→ WHAT THIS TASK INVOLVES
Scan the lines below; pull out those with "origin".

[[ RECORDS FOR THE EXERCISE, beginning ]]

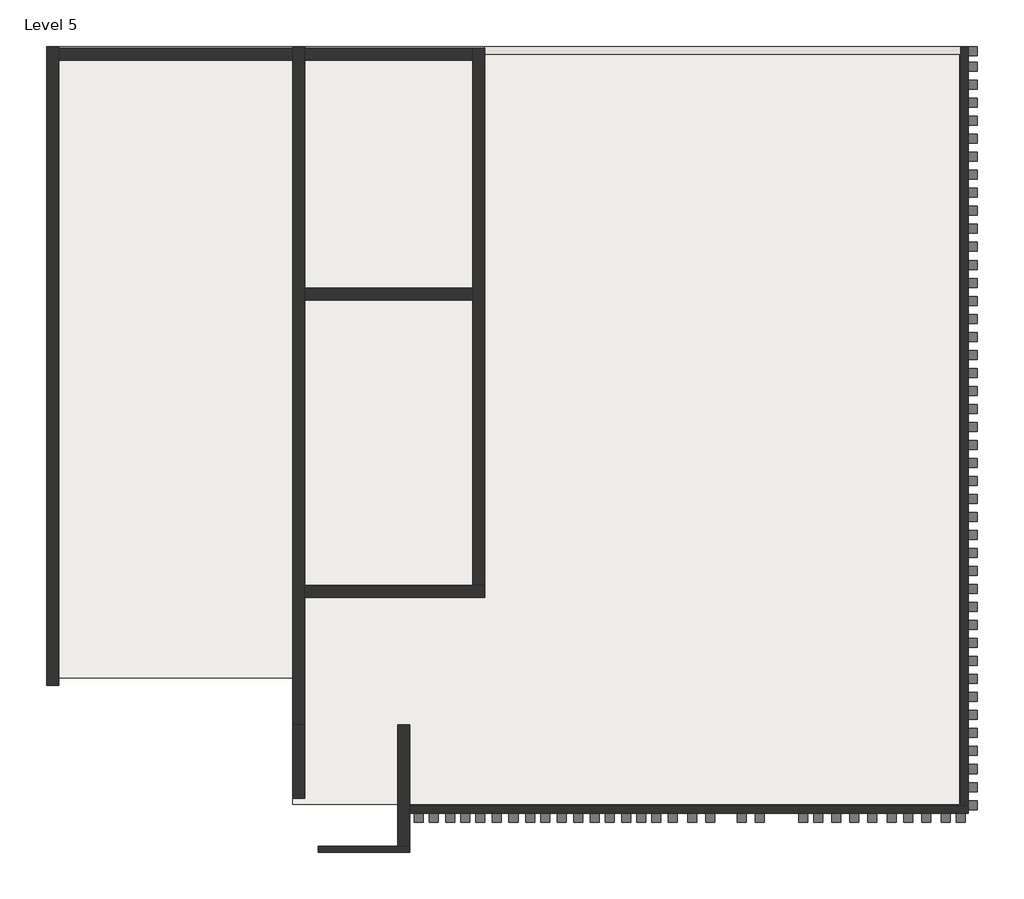
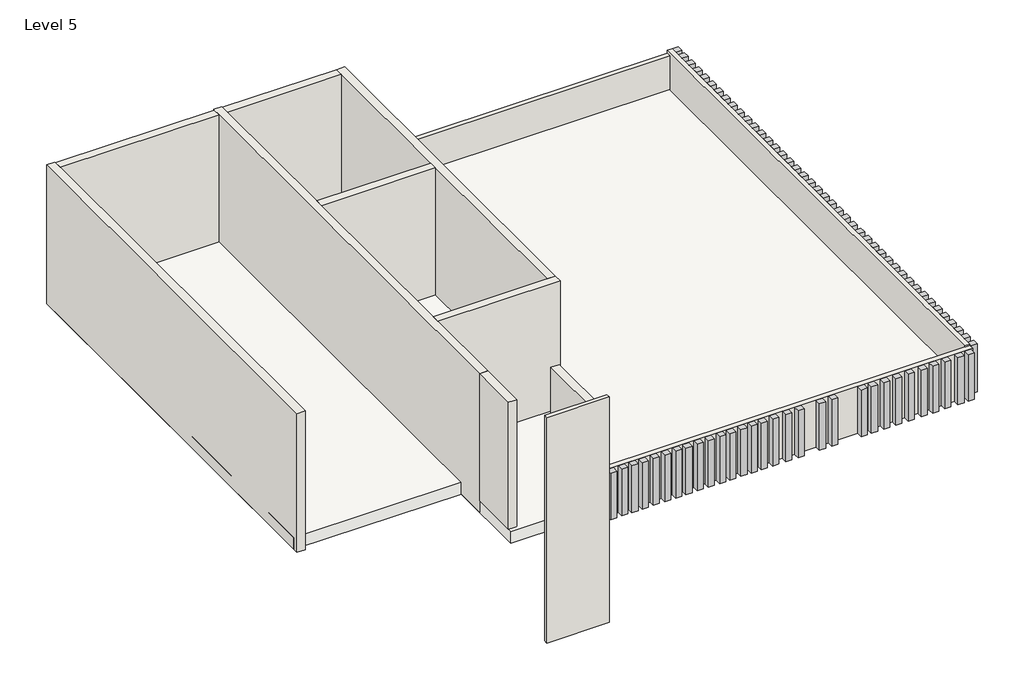
# One storey: 75 proxies, 12 walls, 1 roof.
"""IFC4 building model written with IfcOpenShell, lengths in millimetres."""

from ifc_helpers import new_model, si_unit, frame, origin, place, context, project, spatial, polyline, outline, extrude, faceted_brep, element, save

model = new_model("IFC4")

# Units and contexts
model_context = context("Model", 3, world=origin())
ifc_project = project(units=[si_unit("LENGTHUNIT", "METRE", prefix="MILLI")], contexts=[model_context])

# Site, building, storey
site = spatial("IfcSite", under=ifc_project)
building = spatial("IfcBuilding", under=site)
storey = spatial("IfcBuildingStorey", under=building, Name="Level 5", Elevation=14630.4)

# Proxies
placement = place(None, origin())
element("IfcBuildingElementProxy", 1, Name="Cornice", ObjectType="Cornice", at=placement, inside=storey, context=model_context, shape_type="SweptSolid", body=[
    extrude(outline(polyline([(-3003.9749149, -2254.9518013), (-3003.9749149, -2407.3518013), (-3156.3749149, -2407.3518013), (-3156.3749149, -2254.9518013), (-3003.9749149, -2254.9518013)])), frame((0.0, 0.0, 14630.4), z_axis=(0.0, 0.0, 1.0), x_axis=(1.0, 0.0, 0.0)), (0.0, 0.0, 1.0), 1229.0328786),
])
element("IfcBuildingElementProxy", 2, Name="Cornice", ObjectType="Cornice", at=placement, inside=storey, context=model_context, shape_type="SweptSolid", body=[
    extrude(outline(polyline([(-2749.9749149, -2254.9518013), (-2749.9749149, -2407.3518013), (-2902.3749149, -2407.3518013), (-2902.3749149, -2254.9518013), (-2749.9749149, -2254.9518013)])), frame((0.0, 0.0, 14630.4), z_axis=(0.0, 0.0, 1.0), x_axis=(1.0, 0.0, 0.0)), (0.0, 0.0, 1.0), 1229.0328786),
])
element("IfcBuildingElementProxy", 3, Name="Cornice", ObjectType="Cornice", at=placement, inside=storey, context=model_context, shape_type="SweptSolid", body=[
    extrude(outline(polyline([(-2470.5749149, -2254.9518013), (-2470.5749149, -2407.3518013), (-2622.9749149, -2407.3518013), (-2622.9749149, -2254.9518013), (-2470.5749149, -2254.9518013)])), frame((0.0, 0.0, 14630.4), z_axis=(0.0, 0.0, 1.0), x_axis=(1.0, 0.0, 0.0)), (0.0, 0.0, 1.0), 1229.0328786),
])
element("IfcBuildingElementProxy", 4, Name="Cornice", ObjectType="Cornice", at=placement, inside=storey, context=model_context, shape_type="SweptSolid", body=[
    extrude(outline(polyline([(-2216.5749149, -2254.9518013), (-2216.5749149, -2407.3518013), (-2368.9749149, -2407.3518013), (-2368.9749149, -2254.9518013), (-2216.5749149, -2254.9518013)])), frame((0.0, 0.0, 14630.4), z_axis=(0.0, 0.0, 1.0), x_axis=(1.0, 0.0, 0.0)), (0.0, 0.0, 1.0), 1229.0328786),
])
element("IfcBuildingElementProxy", 5, Name="Cornice", ObjectType="Cornice", at=placement, inside=storey, context=model_context, shape_type="SweptSolid", body=[
    extrude(outline(polyline([(-1962.5749149, -2254.9518013), (-1962.5749149, -2407.3518013), (-2114.9749149, -2407.3518013), (-2114.9749149, -2254.9518013), (-1962.5749149, -2254.9518013)])), frame((0.0, 0.0, 14630.4), z_axis=(0.0, 0.0, 1.0), x_axis=(1.0, 0.0, 0.0)), (0.0, 0.0, 1.0), 1229.0328786),
])
element("IfcBuildingElementProxy", 6, Name="Cornice", ObjectType="Cornice", at=placement, inside=storey, context=model_context, shape_type="SweptSolid", body=[
    extrude(outline(polyline([(-1683.1749149, -2254.9518013), (-1683.1749149, -2407.3518013), (-1835.5749149, -2407.3518013), (-1835.5749149, -2254.9518013), (-1683.1749149, -2254.9518013)])), frame((0.0, 0.0, 14630.4), z_axis=(0.0, 0.0, 1.0), x_axis=(1.0, 0.0, 0.0)), (0.0, 0.0, 1.0), 1229.0328786),
])
element("IfcBuildingElementProxy", 7, Name="Cornice", ObjectType="Cornice", at=placement, inside=storey, context=model_context, shape_type="SweptSolid", body=[
    extrude(outline(polyline([(-1403.7749149, -2254.9518013), (-1403.7749149, -2407.3518013), (-1556.1749149, -2407.3518013), (-1556.1749149, -2254.9518013), (-1403.7749149, -2254.9518013)])), frame((0.0, 0.0, 14630.4), z_axis=(0.0, 0.0, 1.0), x_axis=(1.0, 0.0, 0.0)), (0.0, 0.0, 1.0), 1229.0328786),
])
element("IfcBuildingElementProxy", 8, Name="Cornice", ObjectType="Cornice", at=placement, inside=storey, context=model_context, shape_type="SweptSolid", body=[
    extrude(outline(polyline([(-1124.3749149, -2254.9518013), (-1124.3749149, -2407.3518013), (-1276.7749149, -2407.3518013), (-1276.7749149, -2254.9518013), (-1124.3749149, -2254.9518013)])), frame((0.0, 0.0, 14630.4), z_axis=(0.0, 0.0, 1.0), x_axis=(1.0, 0.0, 0.0)), (0.0, 0.0, 1.0), 1229.0328786),
])
element("IfcBuildingElementProxy", 9, Name="Cornice", ObjectType="Cornice", at=placement, inside=storey, context=model_context, shape_type="SweptSolid", body=[
    extrude(outline(polyline([(-870.3749149, -2254.9518013), (-870.3749149, -2407.3518013), (-1022.7749149, -2407.3518013), (-1022.7749149, -2254.9518013), (-870.3749149, -2254.9518013)])), frame((0.0, 0.0, 14630.4), z_axis=(0.0, 0.0, 1.0), x_axis=(1.0, 0.0, 0.0)), (0.0, 0.0, 1.0), 1229.0328786),
])
element("IfcBuildingElementProxy", 10, Name="Cornice", ObjectType="Cornice", at=placement, inside=storey, context=model_context, shape_type="SweptSolid", body=[
    extrude(outline(polyline([(-590.9749149, -2254.9518013), (-590.9749149, -2407.3518013), (-743.3749149, -2407.3518013), (-743.3749149, -2254.9518013), (-590.9749149, -2254.9518013)])), frame((0.0, 0.0, 14630.4), z_axis=(0.0, 0.0, 1.0), x_axis=(1.0, 0.0, 0.0)), (0.0, 0.0, 1.0), 1229.0328786),
])
element("IfcBuildingElementProxy", 11, Name="Cornice", ObjectType="Cornice", at=placement, inside=storey, context=model_context, shape_type="SweptSolid", body=[
    extrude(outline(polyline([(-311.5749149, -2254.9518013), (-311.5749149, -2407.3518013), (-463.9749149, -2407.3518013), (-463.9749149, -2254.9518013), (-311.5749149, -2254.9518013)])), frame((0.0, 0.0, 14630.4), z_axis=(0.0, 0.0, 1.0), x_axis=(1.0, 0.0, 0.0)), (0.0, 0.0, 1.0), 1229.0328786),
])
element("IfcBuildingElementProxy", 12, Name="Cornice", ObjectType="Cornice", at=placement, inside=storey, context=model_context, shape_type="SweptSolid", body=[
    extrude(outline(polyline([(-32.1749149, -2254.9518013), (-32.1749149, -2407.3518013), (-184.5749149, -2407.3518013), (-184.5749149, -2254.9518013), (-32.1749149, -2254.9518013)])), frame((0.0, 0.0, 14630.4), z_axis=(0.0, 0.0, 1.0), x_axis=(1.0, 0.0, 0.0)), (0.0, 0.0, 1.0), 1229.0328786),
])
element("IfcBuildingElementProxy", 13, Name="Cornice", ObjectType="Cornice", at=placement, inside=storey, context=model_context, shape_type="SweptSolid", body=[
    extrude(outline(polyline([(221.8250851, -2254.9518013), (221.8250851, -2407.3518013), (69.4250851, -2407.3518013), (69.4250851, -2254.9518013), (221.8250851, -2254.9518013)])), frame((0.0, 0.0, 14630.4), z_axis=(0.0, 0.0, 1.0), x_axis=(1.0, 0.0, 0.0)), (0.0, 0.0, 1.0), 1229.0328786),
])
element("IfcBuildingElementProxy", 14, Name="Cornice", ObjectType="Cornice", at=placement, inside=storey, context=model_context, shape_type="SweptSolid", body=[
    extrude(outline(polyline([(501.2250851, -2254.9518013), (501.2250851, -2407.3518013), (348.8250851, -2407.3518013), (348.8250851, -2254.9518013), (501.2250851, -2254.9518013)])), frame((0.0, 0.0, 14630.4), z_axis=(0.0, 0.0, 1.0), x_axis=(1.0, 0.0, 0.0)), (0.0, 0.0, 1.0), 1229.0328786),
])
element("IfcBuildingElementProxy", 15, Name="Cornice", ObjectType="Cornice", at=placement, inside=storey, context=model_context, shape_type="SweptSolid", body=[
    extrude(outline(polyline([(755.2250851, -2254.9518013), (755.2250851, -2407.3518013), (602.8250851, -2407.3518013), (602.8250851, -2254.9518013), (755.2250851, -2254.9518013)])), frame((0.0, 0.0, 14630.4), z_axis=(0.0, 0.0, 1.0), x_axis=(1.0, 0.0, 0.0)), (0.0, 0.0, 1.0), 1229.0328786),
])
element("IfcBuildingElementProxy", 16, Name="Cornice", ObjectType="Cornice", at=placement, inside=storey, context=model_context, shape_type="SweptSolid", body=[
    extrude(outline(polyline([(1009.2250851, -2254.9518013), (1009.2250851, -2407.3518013), (856.8250851, -2407.3518013), (856.8250851, -2254.9518013), (1009.2250851, -2254.9518013)])), frame((0.0, 0.0, 14630.4), z_axis=(0.0, 0.0, 1.0), x_axis=(1.0, 0.0, 0.0)), (0.0, 0.0, 1.0), 1229.0328786),
])
element("IfcBuildingElementProxy", 17, Name="Cornice", ObjectType="Cornice", at=placement, inside=storey, context=model_context, shape_type="SweptSolid", body=[
    extrude(outline(polyline([(1288.6250851, -2254.9518013), (1288.6250851, -2407.3518013), (1136.2250851, -2407.3518013), (1136.2250851, -2254.9518013), (1288.6250851, -2254.9518013)])), frame((0.0, 0.0, 14630.4), z_axis=(0.0, 0.0, 1.0), x_axis=(1.0, 0.0, 0.0)), (0.0, 0.0, 1.0), 1229.0328786),
])
element("IfcBuildingElementProxy", 18, Name="Cornice", ObjectType="Cornice", at=placement, inside=storey, context=model_context, shape_type="SweptSolid", body=[
    extrude(outline(polyline([(1618.8250851, -2254.9518013), (1618.8250851, -2407.3518013), (1466.4250851, -2407.3518013), (1466.4250851, -2254.9518013), (1618.8250851, -2254.9518013)])), frame((0.0, 0.0, 14630.4), z_axis=(0.0, 0.0, 1.0), x_axis=(1.0, 0.0, 0.0)), (0.0, 0.0, 1.0), 1229.0328786),
])
element("IfcBuildingElementProxy", 19, Name="Cornice", ObjectType="Cornice", at=placement, inside=storey, context=model_context, shape_type="SweptSolid", body=[
    extrude(outline(polyline([(1923.6250851, -2254.9518013), (1923.6250851, -2407.3518013), (1771.2250851, -2407.3518013), (1771.2250851, -2254.9518013), (1923.6250851, -2254.9518013)])), frame((0.0, 0.0, 14630.4), z_axis=(0.0, 0.0, 1.0), x_axis=(1.0, 0.0, 0.0)), (0.0, 0.0, 1.0), 1229.0328786),
])
element("IfcBuildingElementProxy", 20, Name="Cornice", ObjectType="Cornice", at=placement, inside=storey, context=model_context, shape_type="SweptSolid", body=[
    extrude(outline(polyline([(2457.0250851, -2254.9518013), (2457.0250851, -2407.3518013), (2304.6250851, -2407.3518013), (2304.6250851, -2254.9518013), (2457.0250851, -2254.9518013)])), frame((0.0, 0.0, 14630.4), z_axis=(0.0, 0.0, 1.0), x_axis=(1.0, 0.0, 0.0)), (0.0, 0.0, 1.0), 1229.0328786),
])
element("IfcBuildingElementProxy", 21, Name="Cornice", ObjectType="Cornice", at=placement, inside=storey, context=model_context, shape_type="SweptSolid", body=[
    extrude(outline(polyline([(2761.8250851, -2254.9518013), (2761.8250851, -2407.3518013), (2609.4250851, -2407.3518013), (2609.4250851, -2254.9518013), (2761.8250851, -2254.9518013)])), frame((0.0, 0.0, 14630.4), z_axis=(0.0, 0.0, 1.0), x_axis=(1.0, 0.0, 0.0)), (0.0, 0.0, 1.0), 1229.0328786),
])
element("IfcBuildingElementProxy", 22, Name="Cornice", ObjectType="Cornice", at=placement, inside=storey, context=model_context, shape_type="SweptSolid", body=[
    extrude(outline(polyline([(3498.4250851, -2254.9518013), (3498.4250851, -2407.3518013), (3346.0250851, -2407.3518013), (3346.0250851, -2254.9518013), (3498.4250851, -2254.9518013)])), frame((0.0, 0.0, 14630.4), z_axis=(0.0, 0.0, 1.0), x_axis=(1.0, 0.0, 0.0)), (0.0, 0.0, 1.0), 1229.0328786),
])
element("IfcBuildingElementProxy", 23, Name="Cornice", ObjectType="Cornice", at=placement, inside=storey, context=model_context, shape_type="SweptSolid", body=[
    extrude(outline(polyline([(3752.4250851, -2254.9518013), (3752.4250851, -2407.3518013), (3600.0250851, -2407.3518013), (3600.0250851, -2254.9518013), (3752.4250851, -2254.9518013)])), frame((0.0, 0.0, 14630.4), z_axis=(0.0, 0.0, 1.0), x_axis=(1.0, 0.0, 0.0)), (0.0, 0.0, 1.0), 1229.0328786),
])
element("IfcBuildingElementProxy", 24, Name="Cornice", ObjectType="Cornice", at=placement, inside=storey, context=model_context, shape_type="SweptSolid", body=[
    extrude(outline(polyline([(4057.2250851, -2254.9518013), (4057.2250851, -2407.3518013), (3904.8250851, -2407.3518013), (3904.8250851, -2254.9518013), (4057.2250851, -2254.9518013)])), frame((0.0, 0.0, 14630.4), z_axis=(0.0, 0.0, 1.0), x_axis=(1.0, 0.0, 0.0)), (0.0, 0.0, 1.0), 1229.0328786),
])
element("IfcBuildingElementProxy", 25, Name="Cornice", ObjectType="Cornice", at=placement, inside=storey, context=model_context, shape_type="SweptSolid", body=[
    extrude(outline(polyline([(4362.0250851, -2254.9518013), (4362.0250851, -2407.3518013), (4209.6250851, -2407.3518013), (4209.6250851, -2254.9518013), (4362.0250851, -2254.9518013)])), frame((0.0, 0.0, 14630.4), z_axis=(0.0, 0.0, 1.0), x_axis=(1.0, 0.0, 0.0)), (0.0, 0.0, 1.0), 1229.0328786),
])
element("IfcBuildingElementProxy", 26, Name="Cornice", ObjectType="Cornice", at=placement, inside=storey, context=model_context, shape_type="SweptSolid", body=[
    extrude(outline(polyline([(4666.8250851, -2254.9518013), (4666.8250851, -2407.3518013), (4514.4250851, -2407.3518013), (4514.4250851, -2254.9518013), (4666.8250851, -2254.9518013)])), frame((0.0, 0.0, 14630.4), z_axis=(0.0, 0.0, 1.0), x_axis=(1.0, 0.0, 0.0)), (0.0, 0.0, 1.0), 1229.0328786),
])
element("IfcBuildingElementProxy", 27, Name="Cornice", ObjectType="Cornice", at=placement, inside=storey, context=model_context, shape_type="SweptSolid", body=[
    extrude(outline(polyline([(4997.0250851, -2254.9518013), (4997.0250851, -2407.3518013), (4844.6250851, -2407.3518013), (4844.6250851, -2254.9518013), (4997.0250851, -2254.9518013)])), frame((0.0, 0.0, 14630.4), z_axis=(0.0, 0.0, 1.0), x_axis=(1.0, 0.0, 0.0)), (0.0, 0.0, 1.0), 1229.0328786),
])
element("IfcBuildingElementProxy", 28, Name="Cornice", ObjectType="Cornice", at=placement, inside=storey, context=model_context, shape_type="SweptSolid", body=[
    extrude(outline(polyline([(5276.4250851, -2254.9518013), (5276.4250851, -2407.3518013), (5124.0250851, -2407.3518013), (5124.0250851, -2254.9518013), (5276.4250851, -2254.9518013)])), frame((0.0, 0.0, 14630.4), z_axis=(0.0, 0.0, 1.0), x_axis=(1.0, 0.0, 0.0)), (0.0, 0.0, 1.0), 1229.0328786),
])
element("IfcBuildingElementProxy", 29, Name="Cornice", ObjectType="Cornice", at=placement, inside=storey, context=model_context, shape_type="SweptSolid", body=[
    extrude(outline(polyline([(5581.2250851, -2254.9518013), (5581.2250851, -2407.3518013), (5428.8250851, -2407.3518013), (5428.8250851, -2254.9518013), (5581.2250851, -2254.9518013)])), frame((0.0, 0.0, 14630.4), z_axis=(0.0, 0.0, 1.0), x_axis=(1.0, 0.0, 0.0)), (0.0, 0.0, 1.0), 1229.0328786),
])
element("IfcBuildingElementProxy", 30, Name="Cornice", ObjectType="Cornice", at=placement, inside=storey, context=model_context, shape_type="SweptSolid", body=[
    extrude(outline(polyline([(5911.4250851, -2254.9518013), (5911.4250851, -2407.3518013), (5759.0250851, -2407.3518013), (5759.0250851, -2254.9518013), (5911.4250851, -2254.9518013)])), frame((0.0, 0.0, 14630.4), z_axis=(0.0, 0.0, 1.0), x_axis=(1.0, 0.0, 0.0)), (0.0, 0.0, 1.0), 1229.0328786),
])
element("IfcBuildingElementProxy", 31, Name="Cornice", ObjectType="Cornice", at=placement, inside=storey, context=model_context, shape_type="SweptSolid", body=[
    extrude(outline(polyline([(6165.4250851, -2254.9518013), (6165.4250851, -2407.3518013), (6013.0250851, -2407.3518013), (6013.0250851, -2254.9518013), (6165.4250851, -2254.9518013)])), frame((0.0, 0.0, 14630.4), z_axis=(0.0, 0.0, 1.0), x_axis=(1.0, 0.0, 0.0)), (0.0, 0.0, 1.0), 1229.0328786),
])
element("IfcBuildingElementProxy", 32, Name="Cornice", ObjectType="Cornice", at=placement, inside=storey, context=model_context, shape_type="SweptSolid", body=[
    extrude(outline(polyline([(6216.2250851, -2039.0518013), (6368.6250851, -2039.0518013), (6368.6250851, -2191.4518013), (6216.2250851, -2191.4518013), (6216.2250851, -2039.0518013)])), frame((0.0, 0.0, 14630.4), z_axis=(0.0, 0.0, 1.0), x_axis=(1.0, 0.0, 0.0)), (0.0, 0.0, 1.0), 1259.5551035),
])
element("IfcBuildingElementProxy", 33, Name="Cornice", ObjectType="Cornice", at=placement, inside=storey, context=model_context, shape_type="SweptSolid", body=[
    extrude(outline(polyline([(6216.2250851, -1734.2518013), (6368.6250851, -1734.2518013), (6368.6250851, -1886.6518013), (6216.2250851, -1886.6518013), (6216.2250851, -1734.2518013)])), frame((0.0, 0.0, 14630.4), z_axis=(0.0, 0.0, 1.0), x_axis=(1.0, 0.0, 0.0)), (0.0, 0.0, 1.0), 1259.5551035),
])
element("IfcBuildingElementProxy", 34, Name="Cornice", ObjectType="Cornice", at=placement, inside=storey, context=model_context, shape_type="SweptSolid", body=[
    extrude(outline(polyline([(6216.2250851, -1429.4518013), (6368.6250851, -1429.4518013), (6368.6250851, -1581.8518013), (6216.2250851, -1581.8518013), (6216.2250851, -1429.4518013)])), frame((0.0, 0.0, 14630.4), z_axis=(0.0, 0.0, 1.0), x_axis=(1.0, 0.0, 0.0)), (0.0, 0.0, 1.0), 1259.5551035),
])
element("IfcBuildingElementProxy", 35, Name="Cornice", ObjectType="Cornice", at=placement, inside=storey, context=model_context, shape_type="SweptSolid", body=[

[[ RECORDS FOR THE EXERCISE, end ]]

→ TASK ANSWER
from ifc_helpers import new_model, si_unit, frame, origin, place, context, project, spatial, polyline, outline, extrude, faceted_brep, element, save
model_context = context("Model", 3, world=origin())
placement = place(None, origin())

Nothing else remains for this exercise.